_Supplied data_.
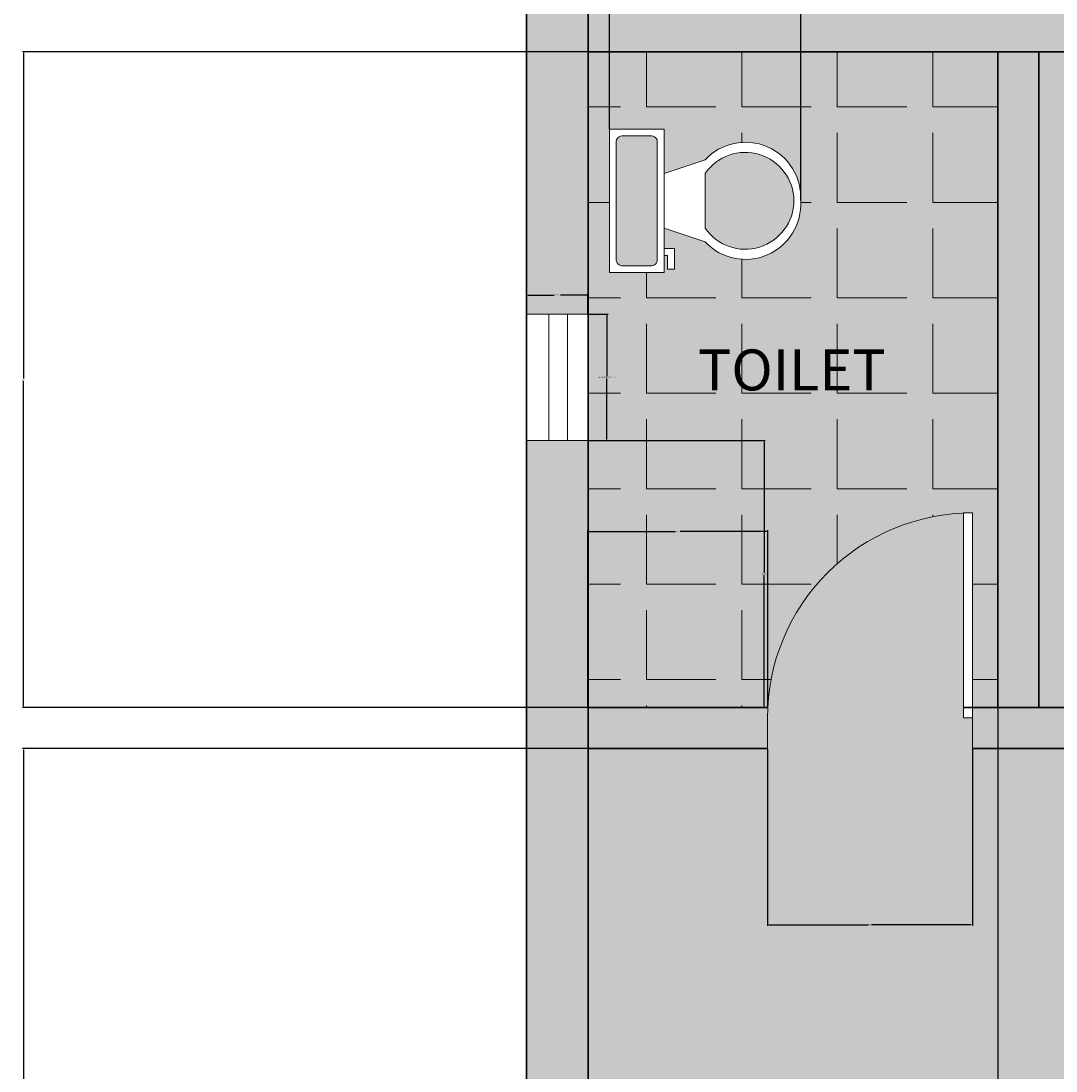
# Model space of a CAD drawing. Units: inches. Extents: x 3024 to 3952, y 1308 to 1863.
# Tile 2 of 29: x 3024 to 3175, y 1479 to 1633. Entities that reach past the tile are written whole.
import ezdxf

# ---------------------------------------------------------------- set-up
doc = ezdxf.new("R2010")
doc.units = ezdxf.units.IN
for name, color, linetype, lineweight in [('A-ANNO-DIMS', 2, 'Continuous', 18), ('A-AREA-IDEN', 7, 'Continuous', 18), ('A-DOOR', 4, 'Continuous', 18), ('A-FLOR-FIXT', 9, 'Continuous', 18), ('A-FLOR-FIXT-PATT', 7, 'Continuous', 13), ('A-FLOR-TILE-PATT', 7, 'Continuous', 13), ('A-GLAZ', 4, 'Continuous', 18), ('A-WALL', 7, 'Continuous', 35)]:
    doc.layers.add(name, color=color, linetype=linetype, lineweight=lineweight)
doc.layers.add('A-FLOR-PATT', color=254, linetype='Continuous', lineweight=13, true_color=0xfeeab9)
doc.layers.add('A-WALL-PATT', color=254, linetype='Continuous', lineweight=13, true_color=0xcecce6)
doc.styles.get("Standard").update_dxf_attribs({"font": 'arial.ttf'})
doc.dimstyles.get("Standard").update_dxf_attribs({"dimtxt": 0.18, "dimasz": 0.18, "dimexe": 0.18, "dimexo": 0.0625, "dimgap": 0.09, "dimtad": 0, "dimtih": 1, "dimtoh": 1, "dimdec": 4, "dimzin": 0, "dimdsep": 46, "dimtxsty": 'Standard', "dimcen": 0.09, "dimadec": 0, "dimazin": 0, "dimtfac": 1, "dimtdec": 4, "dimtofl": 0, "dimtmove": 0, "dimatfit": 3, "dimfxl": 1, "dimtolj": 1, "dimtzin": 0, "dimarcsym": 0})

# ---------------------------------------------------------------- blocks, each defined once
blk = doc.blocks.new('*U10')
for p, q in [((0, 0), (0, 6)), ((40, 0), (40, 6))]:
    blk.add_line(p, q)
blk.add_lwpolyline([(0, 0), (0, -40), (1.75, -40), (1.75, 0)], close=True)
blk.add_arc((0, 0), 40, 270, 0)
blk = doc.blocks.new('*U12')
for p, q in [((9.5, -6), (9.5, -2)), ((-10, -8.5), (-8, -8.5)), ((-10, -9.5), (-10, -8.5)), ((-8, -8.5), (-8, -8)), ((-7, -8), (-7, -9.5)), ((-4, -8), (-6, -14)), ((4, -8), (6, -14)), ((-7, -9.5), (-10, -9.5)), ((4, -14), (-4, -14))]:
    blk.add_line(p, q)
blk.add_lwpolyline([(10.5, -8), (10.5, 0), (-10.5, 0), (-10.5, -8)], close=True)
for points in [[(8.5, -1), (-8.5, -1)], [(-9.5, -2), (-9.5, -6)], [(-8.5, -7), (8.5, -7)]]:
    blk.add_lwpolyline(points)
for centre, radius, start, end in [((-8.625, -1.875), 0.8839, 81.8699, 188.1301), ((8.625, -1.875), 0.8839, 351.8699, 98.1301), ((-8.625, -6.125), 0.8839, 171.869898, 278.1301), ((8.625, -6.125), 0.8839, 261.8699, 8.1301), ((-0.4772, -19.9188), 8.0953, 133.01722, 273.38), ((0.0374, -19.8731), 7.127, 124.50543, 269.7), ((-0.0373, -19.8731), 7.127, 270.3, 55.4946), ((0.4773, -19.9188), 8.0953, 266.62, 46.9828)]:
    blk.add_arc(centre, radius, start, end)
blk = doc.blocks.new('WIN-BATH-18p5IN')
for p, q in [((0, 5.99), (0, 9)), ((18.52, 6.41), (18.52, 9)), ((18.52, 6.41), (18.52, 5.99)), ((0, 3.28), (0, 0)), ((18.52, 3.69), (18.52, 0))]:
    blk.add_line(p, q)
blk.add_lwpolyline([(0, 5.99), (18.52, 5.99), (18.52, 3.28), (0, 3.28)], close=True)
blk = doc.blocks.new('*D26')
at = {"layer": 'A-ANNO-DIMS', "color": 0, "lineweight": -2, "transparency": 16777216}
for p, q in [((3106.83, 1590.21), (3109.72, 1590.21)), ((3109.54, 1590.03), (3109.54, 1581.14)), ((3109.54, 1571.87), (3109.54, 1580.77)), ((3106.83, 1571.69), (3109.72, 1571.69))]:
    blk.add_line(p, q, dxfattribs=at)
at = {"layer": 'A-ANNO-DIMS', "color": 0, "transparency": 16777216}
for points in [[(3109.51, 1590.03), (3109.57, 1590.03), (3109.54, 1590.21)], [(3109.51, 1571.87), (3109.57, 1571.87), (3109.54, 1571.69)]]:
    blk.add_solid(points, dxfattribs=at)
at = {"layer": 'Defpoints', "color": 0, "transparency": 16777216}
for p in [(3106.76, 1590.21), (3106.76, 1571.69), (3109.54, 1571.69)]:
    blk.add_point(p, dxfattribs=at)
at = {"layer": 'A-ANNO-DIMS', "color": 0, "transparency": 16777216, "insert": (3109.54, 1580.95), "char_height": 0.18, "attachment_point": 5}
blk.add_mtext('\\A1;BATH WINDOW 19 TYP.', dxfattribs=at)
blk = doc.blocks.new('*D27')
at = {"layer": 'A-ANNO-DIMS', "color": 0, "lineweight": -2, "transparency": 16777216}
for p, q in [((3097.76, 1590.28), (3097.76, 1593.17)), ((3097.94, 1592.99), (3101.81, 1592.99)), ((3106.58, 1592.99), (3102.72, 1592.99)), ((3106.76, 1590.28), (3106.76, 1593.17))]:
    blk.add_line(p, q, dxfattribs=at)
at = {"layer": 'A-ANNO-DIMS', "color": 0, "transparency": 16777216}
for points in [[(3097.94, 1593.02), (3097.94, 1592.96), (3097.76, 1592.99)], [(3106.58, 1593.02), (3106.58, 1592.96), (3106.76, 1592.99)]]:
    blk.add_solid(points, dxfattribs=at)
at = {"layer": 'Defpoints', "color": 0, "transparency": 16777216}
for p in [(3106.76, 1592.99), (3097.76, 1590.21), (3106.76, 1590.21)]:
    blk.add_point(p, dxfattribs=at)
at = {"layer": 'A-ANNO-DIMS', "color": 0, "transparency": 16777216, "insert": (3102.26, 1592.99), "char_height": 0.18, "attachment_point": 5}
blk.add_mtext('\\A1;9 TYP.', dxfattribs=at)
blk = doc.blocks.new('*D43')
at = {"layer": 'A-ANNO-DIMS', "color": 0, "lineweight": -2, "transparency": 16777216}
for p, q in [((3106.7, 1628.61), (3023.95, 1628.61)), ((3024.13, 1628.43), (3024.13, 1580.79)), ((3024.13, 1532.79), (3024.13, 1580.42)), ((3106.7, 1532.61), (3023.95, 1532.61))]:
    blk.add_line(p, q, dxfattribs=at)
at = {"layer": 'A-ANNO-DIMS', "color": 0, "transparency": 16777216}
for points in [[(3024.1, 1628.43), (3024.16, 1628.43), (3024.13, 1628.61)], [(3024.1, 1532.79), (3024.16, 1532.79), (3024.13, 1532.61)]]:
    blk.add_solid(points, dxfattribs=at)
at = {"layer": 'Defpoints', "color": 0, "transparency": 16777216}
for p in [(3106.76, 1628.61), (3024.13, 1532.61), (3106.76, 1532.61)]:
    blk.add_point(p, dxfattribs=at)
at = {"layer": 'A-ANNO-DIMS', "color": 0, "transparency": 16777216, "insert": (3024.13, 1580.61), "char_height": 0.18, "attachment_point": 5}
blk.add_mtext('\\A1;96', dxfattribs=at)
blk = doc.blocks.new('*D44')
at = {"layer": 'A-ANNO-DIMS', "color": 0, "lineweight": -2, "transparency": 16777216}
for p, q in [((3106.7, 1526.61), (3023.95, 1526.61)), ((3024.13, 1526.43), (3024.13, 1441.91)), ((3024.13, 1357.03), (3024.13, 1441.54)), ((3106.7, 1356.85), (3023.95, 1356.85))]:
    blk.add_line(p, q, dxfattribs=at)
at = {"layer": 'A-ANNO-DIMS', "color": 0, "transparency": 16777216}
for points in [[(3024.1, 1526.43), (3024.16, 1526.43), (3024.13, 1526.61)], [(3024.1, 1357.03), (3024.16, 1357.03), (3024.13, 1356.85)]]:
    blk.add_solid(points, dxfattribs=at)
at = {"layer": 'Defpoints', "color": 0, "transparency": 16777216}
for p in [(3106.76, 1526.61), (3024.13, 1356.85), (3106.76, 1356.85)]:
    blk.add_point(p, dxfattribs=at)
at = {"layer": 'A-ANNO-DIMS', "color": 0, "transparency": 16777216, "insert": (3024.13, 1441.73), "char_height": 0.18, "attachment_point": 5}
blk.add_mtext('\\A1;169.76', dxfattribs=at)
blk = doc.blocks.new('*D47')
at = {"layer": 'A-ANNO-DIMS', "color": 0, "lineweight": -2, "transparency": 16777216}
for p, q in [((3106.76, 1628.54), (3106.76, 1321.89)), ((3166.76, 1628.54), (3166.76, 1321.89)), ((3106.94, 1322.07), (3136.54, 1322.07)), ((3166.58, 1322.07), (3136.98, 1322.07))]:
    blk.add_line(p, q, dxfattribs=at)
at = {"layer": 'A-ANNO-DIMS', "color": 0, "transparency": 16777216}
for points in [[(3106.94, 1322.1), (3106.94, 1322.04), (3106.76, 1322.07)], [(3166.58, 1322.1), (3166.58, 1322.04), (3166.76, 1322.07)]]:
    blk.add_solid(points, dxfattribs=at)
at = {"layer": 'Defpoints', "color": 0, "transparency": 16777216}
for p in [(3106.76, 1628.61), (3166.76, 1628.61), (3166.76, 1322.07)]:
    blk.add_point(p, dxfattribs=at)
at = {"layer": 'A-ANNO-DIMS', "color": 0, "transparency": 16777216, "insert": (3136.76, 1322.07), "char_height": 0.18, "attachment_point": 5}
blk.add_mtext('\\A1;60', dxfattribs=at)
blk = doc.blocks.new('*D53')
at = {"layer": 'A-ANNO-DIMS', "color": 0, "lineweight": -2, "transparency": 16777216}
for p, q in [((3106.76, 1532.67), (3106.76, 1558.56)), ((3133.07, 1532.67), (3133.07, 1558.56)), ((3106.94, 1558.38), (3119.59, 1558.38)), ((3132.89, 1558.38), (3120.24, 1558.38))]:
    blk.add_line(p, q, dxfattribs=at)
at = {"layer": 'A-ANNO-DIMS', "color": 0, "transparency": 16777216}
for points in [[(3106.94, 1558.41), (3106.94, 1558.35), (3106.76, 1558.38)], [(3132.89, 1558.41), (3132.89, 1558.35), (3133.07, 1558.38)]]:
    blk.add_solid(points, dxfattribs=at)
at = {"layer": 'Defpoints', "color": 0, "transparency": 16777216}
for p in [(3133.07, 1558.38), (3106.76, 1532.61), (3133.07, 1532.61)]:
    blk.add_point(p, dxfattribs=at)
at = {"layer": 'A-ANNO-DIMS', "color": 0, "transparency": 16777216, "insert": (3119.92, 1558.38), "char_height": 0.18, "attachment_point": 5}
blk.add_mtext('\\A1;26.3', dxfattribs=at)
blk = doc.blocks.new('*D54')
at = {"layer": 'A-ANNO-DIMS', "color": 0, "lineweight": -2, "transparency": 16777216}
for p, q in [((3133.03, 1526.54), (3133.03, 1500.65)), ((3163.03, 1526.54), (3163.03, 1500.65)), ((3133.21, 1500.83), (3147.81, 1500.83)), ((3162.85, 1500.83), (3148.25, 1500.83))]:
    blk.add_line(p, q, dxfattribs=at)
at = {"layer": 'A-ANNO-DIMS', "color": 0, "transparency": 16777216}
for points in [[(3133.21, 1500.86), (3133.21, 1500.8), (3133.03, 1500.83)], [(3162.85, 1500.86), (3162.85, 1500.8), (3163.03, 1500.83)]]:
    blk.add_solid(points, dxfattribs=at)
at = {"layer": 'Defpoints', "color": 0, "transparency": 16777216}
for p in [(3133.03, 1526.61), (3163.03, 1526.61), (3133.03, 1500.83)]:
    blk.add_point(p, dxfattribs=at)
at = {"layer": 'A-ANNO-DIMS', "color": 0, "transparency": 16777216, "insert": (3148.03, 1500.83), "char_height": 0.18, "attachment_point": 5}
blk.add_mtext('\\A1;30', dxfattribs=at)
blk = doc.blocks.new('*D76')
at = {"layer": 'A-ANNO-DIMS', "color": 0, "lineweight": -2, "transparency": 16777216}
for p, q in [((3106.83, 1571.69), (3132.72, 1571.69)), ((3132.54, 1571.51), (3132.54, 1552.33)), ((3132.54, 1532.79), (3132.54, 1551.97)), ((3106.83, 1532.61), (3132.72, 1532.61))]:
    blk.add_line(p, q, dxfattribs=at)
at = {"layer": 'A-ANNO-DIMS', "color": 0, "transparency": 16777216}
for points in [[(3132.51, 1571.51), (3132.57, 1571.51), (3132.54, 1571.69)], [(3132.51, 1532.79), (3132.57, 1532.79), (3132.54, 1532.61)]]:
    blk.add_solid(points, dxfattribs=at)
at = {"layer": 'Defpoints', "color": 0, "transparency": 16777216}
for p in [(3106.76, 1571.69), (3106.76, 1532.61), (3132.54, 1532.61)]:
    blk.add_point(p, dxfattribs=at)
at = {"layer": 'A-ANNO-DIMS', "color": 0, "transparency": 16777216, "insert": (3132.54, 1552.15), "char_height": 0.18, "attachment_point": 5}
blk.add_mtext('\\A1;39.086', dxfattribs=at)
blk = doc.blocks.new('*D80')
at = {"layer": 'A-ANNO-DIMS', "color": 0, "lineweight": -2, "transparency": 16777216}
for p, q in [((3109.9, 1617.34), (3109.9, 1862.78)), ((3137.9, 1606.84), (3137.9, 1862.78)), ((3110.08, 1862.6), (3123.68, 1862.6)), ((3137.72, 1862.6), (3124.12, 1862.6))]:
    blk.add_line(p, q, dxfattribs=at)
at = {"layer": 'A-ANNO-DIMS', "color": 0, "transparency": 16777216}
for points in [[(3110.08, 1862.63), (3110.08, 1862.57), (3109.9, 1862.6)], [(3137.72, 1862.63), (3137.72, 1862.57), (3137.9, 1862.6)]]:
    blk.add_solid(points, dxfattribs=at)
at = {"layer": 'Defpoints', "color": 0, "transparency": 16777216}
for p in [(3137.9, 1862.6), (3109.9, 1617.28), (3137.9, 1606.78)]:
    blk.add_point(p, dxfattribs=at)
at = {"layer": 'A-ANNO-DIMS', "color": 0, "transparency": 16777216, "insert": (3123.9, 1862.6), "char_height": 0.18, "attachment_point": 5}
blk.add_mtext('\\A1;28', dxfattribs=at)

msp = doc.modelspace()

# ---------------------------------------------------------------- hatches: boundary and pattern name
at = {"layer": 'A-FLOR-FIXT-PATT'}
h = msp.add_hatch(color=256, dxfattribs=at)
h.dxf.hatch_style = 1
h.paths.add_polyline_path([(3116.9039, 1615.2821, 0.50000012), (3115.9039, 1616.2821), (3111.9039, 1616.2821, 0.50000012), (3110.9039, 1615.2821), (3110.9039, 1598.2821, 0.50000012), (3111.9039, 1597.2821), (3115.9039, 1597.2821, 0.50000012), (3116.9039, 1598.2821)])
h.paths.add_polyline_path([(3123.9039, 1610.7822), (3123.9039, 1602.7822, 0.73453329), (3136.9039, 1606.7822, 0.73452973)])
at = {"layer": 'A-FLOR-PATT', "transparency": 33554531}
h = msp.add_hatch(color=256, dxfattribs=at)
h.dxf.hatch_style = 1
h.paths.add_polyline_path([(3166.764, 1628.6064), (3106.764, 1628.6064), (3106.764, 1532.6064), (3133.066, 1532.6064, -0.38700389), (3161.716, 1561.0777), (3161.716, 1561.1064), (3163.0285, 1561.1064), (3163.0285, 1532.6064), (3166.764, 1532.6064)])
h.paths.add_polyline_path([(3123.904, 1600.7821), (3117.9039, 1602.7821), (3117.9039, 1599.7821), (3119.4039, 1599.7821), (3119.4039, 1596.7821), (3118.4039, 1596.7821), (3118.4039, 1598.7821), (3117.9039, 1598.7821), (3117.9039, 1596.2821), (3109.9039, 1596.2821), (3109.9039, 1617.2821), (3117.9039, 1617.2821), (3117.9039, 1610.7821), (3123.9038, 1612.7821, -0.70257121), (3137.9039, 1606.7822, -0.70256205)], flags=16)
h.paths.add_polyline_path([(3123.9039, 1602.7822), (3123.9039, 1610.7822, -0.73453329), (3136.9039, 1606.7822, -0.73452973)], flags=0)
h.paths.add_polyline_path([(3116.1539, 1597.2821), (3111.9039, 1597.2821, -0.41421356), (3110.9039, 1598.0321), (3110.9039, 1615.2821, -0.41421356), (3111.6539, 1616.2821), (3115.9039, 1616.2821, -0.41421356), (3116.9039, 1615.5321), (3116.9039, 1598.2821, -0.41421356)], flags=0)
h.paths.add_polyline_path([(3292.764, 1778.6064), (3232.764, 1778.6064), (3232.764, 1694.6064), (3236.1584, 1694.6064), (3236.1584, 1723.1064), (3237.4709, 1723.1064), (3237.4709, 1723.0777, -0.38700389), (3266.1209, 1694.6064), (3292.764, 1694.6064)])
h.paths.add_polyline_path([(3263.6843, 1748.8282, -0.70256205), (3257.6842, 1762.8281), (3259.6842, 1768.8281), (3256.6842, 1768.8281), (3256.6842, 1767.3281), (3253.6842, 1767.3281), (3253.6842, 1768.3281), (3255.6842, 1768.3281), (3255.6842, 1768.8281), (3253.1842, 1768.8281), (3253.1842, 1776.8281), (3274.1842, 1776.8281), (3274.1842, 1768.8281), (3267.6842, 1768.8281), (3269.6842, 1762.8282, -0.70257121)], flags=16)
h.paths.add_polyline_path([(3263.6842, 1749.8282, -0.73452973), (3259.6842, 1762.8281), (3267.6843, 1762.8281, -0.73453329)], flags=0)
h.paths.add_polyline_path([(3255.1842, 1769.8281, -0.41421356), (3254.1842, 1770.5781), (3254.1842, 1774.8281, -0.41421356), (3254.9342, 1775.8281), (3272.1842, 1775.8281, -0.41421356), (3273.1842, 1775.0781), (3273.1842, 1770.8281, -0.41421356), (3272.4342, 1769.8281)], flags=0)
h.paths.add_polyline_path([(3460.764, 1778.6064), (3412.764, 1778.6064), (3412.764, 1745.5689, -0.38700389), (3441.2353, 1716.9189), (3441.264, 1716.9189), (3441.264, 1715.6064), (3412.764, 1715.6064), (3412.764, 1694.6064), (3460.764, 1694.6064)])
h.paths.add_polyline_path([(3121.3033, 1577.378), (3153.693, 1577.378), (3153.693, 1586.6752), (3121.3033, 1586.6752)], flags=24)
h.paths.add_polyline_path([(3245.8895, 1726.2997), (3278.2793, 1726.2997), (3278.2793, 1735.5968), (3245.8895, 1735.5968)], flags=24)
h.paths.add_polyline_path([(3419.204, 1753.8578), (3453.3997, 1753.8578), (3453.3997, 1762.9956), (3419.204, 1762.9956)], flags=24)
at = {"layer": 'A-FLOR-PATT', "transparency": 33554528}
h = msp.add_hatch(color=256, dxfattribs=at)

_Brief_. Please extract exactly the lines of the data, from the first through the line containing "color=color, linetype=linetype, lineweight=lineweight)", and add no pictures to the copy.

_Completed exercise_.
# Model space of a CAD drawing. Units: inches. Extents: x 3024 to 3952, y 1308 to 1863.
# Tile 2 of 29: x 3024 to 3175, y 1479 to 1633. Entities that reach past the tile are written whole.
import ezdxf

# ---------------------------------------------------------------- set-up
doc = ezdxf.new("R2010")
doc.units = ezdxf.units.IN
for name, color, linetype, lineweight in [('A-ANNO-DIMS', 2, 'Continuous', 18), ('A-AREA-IDEN', 7, 'Continuous', 18), ('A-DOOR', 4, 'Continuous', 18), ('A-FLOR-FIXT', 9, 'Continuous', 18), ('A-FLOR-FIXT-PATT', 7, 'Continuous', 13), ('A-FLOR-TILE-PATT', 7, 'Continuous', 13), ('A-GLAZ', 4, 'Continuous', 18), ('A-WALL', 7, 'Continuous', 35)]:
    doc.layers.add(name, color=color, linetype=linetype, lineweight=lineweight)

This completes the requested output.